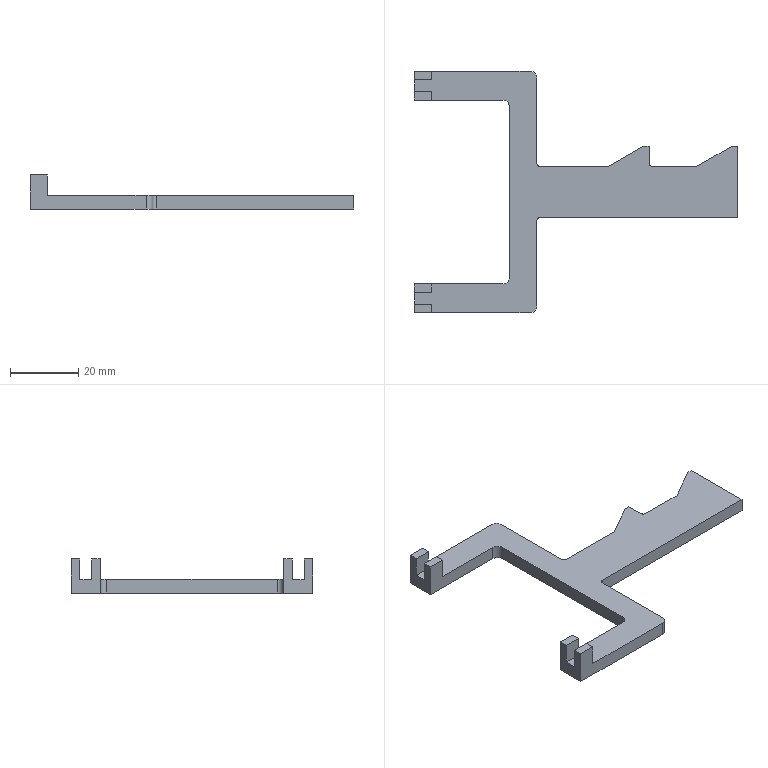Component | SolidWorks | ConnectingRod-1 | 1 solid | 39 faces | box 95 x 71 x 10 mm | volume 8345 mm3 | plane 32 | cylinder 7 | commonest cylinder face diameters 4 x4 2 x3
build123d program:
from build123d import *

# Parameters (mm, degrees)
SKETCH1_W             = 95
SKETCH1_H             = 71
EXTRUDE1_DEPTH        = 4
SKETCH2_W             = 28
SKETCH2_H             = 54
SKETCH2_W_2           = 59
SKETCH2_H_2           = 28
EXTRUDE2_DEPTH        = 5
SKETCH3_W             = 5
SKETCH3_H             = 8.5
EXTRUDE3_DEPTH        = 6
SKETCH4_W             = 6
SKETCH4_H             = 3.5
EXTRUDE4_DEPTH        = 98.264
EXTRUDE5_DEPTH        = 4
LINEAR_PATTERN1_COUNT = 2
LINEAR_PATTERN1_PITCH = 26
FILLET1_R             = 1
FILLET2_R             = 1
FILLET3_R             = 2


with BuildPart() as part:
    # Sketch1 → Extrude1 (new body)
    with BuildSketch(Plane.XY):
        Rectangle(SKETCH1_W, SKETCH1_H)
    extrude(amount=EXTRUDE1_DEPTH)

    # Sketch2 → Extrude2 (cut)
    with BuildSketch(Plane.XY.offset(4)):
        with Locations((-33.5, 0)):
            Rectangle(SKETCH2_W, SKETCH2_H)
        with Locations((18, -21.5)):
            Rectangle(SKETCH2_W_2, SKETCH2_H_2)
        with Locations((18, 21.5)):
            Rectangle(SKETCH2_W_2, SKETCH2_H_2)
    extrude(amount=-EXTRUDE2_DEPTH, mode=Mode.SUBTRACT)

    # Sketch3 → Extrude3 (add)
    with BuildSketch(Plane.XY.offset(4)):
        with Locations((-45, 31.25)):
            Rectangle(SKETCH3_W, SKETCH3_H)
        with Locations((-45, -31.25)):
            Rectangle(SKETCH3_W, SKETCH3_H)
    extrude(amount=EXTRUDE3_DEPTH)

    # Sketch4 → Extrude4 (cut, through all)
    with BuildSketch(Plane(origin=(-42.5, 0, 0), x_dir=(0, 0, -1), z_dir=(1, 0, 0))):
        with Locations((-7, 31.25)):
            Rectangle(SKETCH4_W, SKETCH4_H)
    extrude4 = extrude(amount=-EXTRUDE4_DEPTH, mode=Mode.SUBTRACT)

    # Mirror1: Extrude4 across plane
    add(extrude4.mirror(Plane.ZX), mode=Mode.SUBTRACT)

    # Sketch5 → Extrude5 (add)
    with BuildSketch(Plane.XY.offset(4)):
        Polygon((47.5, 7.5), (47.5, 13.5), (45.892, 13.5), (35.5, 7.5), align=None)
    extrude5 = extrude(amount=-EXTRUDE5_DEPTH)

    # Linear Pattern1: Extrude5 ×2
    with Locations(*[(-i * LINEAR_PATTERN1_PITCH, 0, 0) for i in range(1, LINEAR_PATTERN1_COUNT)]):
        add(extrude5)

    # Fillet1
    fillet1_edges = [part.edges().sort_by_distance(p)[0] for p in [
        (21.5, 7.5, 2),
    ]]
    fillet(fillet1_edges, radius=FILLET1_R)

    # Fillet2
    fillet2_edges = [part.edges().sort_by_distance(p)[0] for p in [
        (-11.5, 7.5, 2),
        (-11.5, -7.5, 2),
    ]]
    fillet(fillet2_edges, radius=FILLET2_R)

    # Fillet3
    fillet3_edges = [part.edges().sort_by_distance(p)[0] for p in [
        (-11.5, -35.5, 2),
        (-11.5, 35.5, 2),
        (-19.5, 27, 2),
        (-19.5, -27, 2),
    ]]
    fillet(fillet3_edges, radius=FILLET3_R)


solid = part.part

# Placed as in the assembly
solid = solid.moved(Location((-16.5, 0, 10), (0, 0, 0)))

-*-*-

## EXERCISE REQUIREMENTS
Scan the entries above and show each line that contains the word "Mode".

## WRITTEN RESPONSE
    extrude(amount=-EXTRUDE2_DEPTH, mode=Mode.SUBTRACT)
    extrude4 = extrude(amount=-EXTRUDE4_DEPTH, mode=Mode.SUBTRACT)
    add(extrude4.mirror(Plane.ZX), mode=Mode.SUBTRACT)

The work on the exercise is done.